Find the string "import" in the entries and copy each line that has it.

▶ Record extracts
▬▬▬▬▬▬
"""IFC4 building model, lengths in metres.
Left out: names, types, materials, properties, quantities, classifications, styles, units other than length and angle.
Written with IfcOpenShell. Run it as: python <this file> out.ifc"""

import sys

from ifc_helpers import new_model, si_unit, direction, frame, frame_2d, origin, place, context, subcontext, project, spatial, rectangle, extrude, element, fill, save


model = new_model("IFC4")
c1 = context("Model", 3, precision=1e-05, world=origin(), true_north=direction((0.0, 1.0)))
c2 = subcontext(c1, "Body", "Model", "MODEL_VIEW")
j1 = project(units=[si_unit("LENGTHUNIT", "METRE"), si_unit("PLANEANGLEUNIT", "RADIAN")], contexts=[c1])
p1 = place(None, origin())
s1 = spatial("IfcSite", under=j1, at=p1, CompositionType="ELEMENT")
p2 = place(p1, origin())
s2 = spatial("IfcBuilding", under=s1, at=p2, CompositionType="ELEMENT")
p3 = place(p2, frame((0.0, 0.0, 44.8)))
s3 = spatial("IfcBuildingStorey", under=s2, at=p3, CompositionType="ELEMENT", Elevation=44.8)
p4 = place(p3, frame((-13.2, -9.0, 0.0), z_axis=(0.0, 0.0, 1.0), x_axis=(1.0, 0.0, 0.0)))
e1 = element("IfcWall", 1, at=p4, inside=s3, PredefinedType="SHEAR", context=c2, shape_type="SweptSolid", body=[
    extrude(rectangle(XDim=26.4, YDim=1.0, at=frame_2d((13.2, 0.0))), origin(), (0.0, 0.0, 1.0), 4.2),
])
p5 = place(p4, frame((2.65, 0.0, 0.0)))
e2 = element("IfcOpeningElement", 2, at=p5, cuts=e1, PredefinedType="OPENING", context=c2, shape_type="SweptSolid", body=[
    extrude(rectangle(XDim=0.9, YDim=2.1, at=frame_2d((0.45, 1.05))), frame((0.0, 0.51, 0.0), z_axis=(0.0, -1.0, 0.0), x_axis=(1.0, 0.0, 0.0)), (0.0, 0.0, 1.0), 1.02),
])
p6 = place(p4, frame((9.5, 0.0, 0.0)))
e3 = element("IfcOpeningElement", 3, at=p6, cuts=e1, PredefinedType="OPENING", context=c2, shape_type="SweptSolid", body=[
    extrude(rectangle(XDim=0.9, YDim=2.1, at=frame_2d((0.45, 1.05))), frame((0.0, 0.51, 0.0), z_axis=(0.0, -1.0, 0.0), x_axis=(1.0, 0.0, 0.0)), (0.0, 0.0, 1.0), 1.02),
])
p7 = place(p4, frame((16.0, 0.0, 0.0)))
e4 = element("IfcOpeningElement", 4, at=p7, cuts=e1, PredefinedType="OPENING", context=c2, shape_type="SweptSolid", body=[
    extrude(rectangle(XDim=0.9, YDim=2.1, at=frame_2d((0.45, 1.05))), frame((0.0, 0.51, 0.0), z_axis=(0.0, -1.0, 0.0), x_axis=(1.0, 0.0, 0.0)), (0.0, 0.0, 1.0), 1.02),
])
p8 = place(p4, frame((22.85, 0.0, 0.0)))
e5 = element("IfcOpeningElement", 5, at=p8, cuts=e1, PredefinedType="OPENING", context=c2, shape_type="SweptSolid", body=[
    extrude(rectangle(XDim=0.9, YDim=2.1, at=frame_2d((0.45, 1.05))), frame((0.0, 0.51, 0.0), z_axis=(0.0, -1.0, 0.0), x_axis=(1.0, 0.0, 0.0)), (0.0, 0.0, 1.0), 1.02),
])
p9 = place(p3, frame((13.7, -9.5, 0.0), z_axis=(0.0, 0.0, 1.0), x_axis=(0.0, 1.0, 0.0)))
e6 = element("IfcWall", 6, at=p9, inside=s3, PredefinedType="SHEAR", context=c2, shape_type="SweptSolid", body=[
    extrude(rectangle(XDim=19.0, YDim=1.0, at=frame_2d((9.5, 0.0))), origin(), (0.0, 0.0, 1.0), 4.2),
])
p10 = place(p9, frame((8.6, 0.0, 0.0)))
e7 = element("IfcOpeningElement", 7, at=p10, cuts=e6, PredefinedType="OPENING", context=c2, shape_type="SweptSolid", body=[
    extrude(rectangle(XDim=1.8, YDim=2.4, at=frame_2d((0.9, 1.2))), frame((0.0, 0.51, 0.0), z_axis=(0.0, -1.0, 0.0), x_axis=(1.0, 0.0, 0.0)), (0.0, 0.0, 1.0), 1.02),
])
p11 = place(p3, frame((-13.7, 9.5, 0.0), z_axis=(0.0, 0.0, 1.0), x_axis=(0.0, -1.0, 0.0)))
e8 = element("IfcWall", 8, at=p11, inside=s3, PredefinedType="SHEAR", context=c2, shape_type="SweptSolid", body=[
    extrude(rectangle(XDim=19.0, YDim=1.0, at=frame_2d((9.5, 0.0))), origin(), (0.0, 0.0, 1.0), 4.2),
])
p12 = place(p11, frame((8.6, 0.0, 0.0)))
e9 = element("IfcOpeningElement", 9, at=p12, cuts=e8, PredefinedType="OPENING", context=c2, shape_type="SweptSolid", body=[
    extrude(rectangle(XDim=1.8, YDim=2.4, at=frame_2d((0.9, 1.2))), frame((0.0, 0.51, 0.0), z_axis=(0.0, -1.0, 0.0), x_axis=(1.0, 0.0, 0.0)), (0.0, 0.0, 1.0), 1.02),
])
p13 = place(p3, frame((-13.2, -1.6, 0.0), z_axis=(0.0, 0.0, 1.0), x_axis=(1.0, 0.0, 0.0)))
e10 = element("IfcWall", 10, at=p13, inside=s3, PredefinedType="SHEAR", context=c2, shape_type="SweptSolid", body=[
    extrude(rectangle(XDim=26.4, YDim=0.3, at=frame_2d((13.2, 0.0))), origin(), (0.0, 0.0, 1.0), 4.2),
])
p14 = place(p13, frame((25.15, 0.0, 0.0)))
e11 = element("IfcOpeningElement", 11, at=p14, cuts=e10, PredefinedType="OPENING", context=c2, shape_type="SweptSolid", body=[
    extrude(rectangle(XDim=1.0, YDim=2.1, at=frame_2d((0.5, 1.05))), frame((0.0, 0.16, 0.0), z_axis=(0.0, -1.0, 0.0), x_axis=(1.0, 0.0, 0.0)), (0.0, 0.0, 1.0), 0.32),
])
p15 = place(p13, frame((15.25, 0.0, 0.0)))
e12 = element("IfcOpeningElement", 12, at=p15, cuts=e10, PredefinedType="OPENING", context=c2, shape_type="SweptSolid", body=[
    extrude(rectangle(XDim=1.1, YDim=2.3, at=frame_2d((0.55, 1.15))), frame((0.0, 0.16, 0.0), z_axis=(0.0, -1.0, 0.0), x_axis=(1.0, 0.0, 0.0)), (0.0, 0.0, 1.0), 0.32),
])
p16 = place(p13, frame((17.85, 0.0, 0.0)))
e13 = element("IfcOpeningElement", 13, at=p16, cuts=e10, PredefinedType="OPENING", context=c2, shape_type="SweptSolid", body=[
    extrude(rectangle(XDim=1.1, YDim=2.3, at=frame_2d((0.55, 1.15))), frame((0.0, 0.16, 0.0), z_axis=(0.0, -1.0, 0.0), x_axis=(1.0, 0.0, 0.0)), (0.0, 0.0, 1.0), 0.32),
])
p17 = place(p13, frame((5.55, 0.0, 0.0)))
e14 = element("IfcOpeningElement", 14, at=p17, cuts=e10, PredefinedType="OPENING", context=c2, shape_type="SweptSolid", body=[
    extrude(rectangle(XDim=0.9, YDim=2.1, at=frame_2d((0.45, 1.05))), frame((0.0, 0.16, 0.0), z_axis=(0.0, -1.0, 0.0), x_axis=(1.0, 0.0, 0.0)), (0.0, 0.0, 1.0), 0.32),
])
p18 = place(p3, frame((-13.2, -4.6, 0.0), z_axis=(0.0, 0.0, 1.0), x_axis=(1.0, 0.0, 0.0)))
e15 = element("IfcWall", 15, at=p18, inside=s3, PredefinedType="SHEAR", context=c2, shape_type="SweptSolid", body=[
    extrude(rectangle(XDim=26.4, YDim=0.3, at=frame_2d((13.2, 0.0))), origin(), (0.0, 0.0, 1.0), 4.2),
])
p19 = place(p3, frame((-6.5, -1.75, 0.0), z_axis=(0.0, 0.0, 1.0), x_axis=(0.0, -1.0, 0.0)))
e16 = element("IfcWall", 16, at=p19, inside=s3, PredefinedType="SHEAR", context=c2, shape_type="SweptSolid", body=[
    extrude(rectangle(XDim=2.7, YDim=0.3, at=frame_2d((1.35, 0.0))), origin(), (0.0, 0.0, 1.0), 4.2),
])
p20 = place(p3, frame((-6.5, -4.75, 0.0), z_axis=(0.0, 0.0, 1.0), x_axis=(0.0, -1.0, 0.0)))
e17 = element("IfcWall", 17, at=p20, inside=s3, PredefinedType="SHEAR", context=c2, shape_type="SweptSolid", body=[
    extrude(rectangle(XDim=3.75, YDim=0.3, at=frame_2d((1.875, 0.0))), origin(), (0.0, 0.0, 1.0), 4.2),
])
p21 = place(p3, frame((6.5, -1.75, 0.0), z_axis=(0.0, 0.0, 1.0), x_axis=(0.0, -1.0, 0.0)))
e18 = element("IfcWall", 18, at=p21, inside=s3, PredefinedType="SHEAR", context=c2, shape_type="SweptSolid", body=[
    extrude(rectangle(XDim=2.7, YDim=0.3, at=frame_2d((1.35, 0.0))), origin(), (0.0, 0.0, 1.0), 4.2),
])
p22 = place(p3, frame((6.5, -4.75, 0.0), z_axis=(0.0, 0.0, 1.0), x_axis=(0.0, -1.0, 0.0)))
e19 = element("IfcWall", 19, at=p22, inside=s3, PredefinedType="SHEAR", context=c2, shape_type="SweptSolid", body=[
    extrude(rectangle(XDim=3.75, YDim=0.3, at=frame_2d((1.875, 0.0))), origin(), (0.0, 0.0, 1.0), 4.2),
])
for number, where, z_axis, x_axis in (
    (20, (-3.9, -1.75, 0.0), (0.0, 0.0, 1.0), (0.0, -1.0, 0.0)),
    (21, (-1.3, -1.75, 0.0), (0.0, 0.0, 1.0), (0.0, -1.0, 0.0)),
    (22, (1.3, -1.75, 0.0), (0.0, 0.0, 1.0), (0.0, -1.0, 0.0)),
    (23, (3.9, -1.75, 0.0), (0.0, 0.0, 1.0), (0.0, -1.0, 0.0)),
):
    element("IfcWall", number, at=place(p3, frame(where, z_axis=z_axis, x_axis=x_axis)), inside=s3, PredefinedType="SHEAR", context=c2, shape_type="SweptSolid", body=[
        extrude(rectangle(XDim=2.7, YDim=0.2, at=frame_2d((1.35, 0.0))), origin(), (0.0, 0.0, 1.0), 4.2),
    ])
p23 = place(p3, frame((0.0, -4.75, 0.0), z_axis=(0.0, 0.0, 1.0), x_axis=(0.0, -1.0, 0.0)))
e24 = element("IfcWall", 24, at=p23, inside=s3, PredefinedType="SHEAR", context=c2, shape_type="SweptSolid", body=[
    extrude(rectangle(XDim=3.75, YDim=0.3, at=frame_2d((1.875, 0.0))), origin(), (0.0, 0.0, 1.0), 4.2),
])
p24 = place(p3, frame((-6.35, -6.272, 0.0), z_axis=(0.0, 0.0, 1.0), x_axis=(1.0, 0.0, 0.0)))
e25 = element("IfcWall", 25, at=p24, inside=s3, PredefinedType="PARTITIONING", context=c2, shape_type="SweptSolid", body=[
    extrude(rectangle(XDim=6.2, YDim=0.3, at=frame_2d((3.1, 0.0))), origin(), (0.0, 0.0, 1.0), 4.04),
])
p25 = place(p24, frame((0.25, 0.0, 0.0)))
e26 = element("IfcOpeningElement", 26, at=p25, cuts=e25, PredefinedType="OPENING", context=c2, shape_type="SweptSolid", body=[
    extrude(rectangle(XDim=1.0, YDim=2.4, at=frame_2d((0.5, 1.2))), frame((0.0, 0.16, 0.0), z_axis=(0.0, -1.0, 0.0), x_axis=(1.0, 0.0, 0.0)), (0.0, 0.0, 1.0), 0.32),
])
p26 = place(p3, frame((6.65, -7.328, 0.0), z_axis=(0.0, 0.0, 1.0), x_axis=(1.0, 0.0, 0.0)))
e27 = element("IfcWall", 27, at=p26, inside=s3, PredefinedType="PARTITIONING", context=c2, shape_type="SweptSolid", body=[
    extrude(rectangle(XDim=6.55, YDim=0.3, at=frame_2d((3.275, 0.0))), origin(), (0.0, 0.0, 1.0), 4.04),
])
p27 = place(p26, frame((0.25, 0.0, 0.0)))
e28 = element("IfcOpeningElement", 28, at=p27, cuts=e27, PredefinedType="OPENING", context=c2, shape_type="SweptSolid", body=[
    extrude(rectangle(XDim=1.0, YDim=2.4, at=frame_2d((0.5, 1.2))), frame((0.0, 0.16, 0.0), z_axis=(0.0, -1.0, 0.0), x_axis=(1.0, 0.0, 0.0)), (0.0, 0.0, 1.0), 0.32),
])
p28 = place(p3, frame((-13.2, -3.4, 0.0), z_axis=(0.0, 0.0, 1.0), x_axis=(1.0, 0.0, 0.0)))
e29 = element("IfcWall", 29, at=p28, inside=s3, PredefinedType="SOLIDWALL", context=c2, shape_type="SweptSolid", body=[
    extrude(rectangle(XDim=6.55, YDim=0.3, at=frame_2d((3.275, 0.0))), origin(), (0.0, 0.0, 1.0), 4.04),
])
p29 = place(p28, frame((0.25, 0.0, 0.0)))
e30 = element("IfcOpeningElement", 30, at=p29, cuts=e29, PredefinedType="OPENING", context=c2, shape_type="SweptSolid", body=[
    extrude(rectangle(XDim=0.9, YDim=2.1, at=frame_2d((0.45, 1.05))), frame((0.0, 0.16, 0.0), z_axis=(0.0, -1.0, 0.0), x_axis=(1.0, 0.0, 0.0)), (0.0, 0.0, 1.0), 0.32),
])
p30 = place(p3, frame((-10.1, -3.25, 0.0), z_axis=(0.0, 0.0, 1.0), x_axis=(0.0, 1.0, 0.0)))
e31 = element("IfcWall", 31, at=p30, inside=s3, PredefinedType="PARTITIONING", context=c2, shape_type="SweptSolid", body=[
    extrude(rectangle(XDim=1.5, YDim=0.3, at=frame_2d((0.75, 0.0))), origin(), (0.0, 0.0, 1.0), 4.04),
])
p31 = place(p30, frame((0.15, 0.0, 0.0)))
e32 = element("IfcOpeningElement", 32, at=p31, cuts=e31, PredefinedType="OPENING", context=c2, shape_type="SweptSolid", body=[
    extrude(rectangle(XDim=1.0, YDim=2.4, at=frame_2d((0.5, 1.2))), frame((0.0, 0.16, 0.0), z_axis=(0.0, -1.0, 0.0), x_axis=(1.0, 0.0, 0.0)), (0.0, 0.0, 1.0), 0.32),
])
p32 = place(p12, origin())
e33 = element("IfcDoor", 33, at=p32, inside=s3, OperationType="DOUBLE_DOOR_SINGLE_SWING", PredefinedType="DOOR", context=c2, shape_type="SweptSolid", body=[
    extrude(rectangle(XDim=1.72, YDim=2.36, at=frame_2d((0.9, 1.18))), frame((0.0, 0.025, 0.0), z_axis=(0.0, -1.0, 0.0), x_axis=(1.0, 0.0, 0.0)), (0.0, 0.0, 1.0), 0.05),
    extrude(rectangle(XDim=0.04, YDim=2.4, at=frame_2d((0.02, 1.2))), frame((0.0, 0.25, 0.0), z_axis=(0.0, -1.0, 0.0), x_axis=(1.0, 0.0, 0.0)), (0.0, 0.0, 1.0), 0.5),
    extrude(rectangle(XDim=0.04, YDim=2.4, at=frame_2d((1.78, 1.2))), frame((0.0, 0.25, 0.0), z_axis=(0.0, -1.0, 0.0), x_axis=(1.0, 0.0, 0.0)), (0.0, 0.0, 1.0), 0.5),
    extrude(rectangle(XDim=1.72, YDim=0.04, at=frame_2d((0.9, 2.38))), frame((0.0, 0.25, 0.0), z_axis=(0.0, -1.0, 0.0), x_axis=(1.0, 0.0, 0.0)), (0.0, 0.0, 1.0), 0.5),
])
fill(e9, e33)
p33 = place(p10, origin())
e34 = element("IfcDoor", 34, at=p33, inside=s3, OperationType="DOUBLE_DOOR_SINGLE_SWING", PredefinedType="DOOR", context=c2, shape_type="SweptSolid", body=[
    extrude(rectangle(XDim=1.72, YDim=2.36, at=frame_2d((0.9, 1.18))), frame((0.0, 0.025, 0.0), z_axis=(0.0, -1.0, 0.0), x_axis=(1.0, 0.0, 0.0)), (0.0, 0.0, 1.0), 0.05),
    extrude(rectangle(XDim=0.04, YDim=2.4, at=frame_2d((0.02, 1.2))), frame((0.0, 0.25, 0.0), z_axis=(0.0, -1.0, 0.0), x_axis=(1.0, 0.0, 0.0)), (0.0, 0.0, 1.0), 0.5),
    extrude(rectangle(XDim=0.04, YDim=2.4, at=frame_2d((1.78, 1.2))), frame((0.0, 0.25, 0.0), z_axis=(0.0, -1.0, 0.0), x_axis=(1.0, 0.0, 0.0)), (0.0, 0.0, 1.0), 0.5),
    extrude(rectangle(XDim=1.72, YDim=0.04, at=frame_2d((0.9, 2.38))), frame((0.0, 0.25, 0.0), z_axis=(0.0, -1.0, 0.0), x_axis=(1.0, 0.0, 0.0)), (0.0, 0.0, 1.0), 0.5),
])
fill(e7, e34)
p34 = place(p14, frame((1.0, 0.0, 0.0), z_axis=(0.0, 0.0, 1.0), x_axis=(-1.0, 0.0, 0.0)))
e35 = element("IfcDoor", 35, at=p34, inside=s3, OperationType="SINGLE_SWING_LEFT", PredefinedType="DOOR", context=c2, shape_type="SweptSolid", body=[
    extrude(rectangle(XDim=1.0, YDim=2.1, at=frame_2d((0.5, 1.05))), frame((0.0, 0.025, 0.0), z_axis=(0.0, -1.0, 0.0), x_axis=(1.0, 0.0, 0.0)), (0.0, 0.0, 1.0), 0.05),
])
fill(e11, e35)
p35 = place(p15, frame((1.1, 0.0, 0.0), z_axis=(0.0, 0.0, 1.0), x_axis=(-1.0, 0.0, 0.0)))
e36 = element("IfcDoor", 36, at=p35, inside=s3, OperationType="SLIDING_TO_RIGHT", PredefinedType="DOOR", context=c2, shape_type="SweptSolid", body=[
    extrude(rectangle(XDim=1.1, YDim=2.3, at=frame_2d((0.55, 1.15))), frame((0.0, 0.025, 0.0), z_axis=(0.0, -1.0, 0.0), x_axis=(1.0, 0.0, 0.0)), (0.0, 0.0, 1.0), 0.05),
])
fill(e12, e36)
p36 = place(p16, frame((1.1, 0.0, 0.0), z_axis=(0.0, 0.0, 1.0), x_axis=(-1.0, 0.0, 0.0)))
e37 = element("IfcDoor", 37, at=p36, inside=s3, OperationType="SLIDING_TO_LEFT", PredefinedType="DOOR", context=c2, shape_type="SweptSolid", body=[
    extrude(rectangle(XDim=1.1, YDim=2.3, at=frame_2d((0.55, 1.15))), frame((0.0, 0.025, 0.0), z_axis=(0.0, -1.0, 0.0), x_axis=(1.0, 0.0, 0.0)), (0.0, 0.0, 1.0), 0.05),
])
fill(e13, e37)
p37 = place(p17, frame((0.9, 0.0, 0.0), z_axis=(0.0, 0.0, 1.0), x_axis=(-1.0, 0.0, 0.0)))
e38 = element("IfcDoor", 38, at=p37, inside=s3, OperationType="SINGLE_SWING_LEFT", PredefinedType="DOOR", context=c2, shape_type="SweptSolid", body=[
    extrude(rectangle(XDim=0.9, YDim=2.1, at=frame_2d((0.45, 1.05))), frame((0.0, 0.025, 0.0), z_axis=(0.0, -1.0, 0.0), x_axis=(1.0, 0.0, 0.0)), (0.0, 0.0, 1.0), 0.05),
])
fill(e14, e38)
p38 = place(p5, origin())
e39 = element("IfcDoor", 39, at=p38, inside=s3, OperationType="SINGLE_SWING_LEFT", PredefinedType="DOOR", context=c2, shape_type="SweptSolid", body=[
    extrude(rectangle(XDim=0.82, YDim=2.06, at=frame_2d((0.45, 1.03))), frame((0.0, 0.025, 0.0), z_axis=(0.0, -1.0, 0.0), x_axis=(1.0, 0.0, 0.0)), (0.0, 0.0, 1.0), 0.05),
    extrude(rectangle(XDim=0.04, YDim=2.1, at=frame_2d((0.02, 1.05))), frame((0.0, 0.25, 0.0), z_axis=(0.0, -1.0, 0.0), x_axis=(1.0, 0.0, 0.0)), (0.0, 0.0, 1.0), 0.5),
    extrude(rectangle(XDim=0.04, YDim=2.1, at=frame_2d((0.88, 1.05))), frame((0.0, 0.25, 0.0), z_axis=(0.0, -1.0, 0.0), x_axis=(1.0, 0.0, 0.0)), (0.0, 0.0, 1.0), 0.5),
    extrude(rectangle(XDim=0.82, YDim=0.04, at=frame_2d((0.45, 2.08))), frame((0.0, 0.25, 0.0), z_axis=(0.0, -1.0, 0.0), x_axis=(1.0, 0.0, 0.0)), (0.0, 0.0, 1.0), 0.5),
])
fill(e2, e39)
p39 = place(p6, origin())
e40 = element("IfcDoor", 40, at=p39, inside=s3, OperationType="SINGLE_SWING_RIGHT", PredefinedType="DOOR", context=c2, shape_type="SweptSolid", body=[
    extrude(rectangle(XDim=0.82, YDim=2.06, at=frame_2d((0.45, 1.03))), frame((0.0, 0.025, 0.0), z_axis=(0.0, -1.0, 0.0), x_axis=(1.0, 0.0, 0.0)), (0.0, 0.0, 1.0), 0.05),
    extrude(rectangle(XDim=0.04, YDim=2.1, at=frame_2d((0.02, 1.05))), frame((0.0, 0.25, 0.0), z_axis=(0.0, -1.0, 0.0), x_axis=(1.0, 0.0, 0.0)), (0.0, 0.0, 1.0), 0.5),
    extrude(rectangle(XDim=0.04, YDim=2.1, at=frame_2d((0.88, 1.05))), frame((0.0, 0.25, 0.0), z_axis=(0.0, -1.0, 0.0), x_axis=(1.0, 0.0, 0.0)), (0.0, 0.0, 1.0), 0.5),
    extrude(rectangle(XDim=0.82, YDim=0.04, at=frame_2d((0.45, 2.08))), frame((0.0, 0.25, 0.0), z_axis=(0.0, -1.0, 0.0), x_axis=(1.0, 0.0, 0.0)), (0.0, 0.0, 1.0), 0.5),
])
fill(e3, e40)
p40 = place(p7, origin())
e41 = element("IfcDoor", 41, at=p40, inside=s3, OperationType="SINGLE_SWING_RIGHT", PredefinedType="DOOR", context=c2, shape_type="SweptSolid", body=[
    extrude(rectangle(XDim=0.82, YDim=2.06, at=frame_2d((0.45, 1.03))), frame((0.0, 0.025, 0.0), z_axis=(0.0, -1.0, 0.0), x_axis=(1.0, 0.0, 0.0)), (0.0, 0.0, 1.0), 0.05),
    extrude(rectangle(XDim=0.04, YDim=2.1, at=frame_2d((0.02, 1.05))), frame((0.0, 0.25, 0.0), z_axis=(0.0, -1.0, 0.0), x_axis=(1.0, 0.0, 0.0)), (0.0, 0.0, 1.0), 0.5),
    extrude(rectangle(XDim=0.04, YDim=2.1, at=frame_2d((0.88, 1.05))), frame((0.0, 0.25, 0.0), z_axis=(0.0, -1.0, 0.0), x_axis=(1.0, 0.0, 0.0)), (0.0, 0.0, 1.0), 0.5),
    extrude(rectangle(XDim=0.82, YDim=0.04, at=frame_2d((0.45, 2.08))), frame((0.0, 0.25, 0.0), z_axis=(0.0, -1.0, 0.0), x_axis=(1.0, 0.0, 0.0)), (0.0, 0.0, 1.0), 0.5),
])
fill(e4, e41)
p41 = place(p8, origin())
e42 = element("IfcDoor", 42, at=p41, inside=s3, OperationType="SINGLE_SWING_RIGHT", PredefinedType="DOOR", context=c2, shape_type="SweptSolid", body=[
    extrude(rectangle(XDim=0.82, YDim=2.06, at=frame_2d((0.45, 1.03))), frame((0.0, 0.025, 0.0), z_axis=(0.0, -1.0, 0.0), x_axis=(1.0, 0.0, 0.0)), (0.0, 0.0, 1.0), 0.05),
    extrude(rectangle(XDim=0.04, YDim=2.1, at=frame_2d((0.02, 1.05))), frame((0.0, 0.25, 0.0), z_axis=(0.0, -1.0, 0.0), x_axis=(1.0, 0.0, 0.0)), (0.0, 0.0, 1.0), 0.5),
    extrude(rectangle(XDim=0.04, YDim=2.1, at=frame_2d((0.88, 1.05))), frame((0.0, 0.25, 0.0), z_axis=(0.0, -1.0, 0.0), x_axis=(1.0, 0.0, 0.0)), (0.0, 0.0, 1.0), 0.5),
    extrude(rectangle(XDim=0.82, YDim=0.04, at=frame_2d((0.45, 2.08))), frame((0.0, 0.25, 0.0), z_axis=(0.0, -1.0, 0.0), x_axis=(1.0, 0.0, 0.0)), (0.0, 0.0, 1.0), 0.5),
▬▬▬▬▬▬
▶ Task result
import sys
from ifc_helpers import new_model, si_unit, direction, frame, frame_2d, origin, place, context, subcontext, project, spatial, rectangle, extrude, element, fill, save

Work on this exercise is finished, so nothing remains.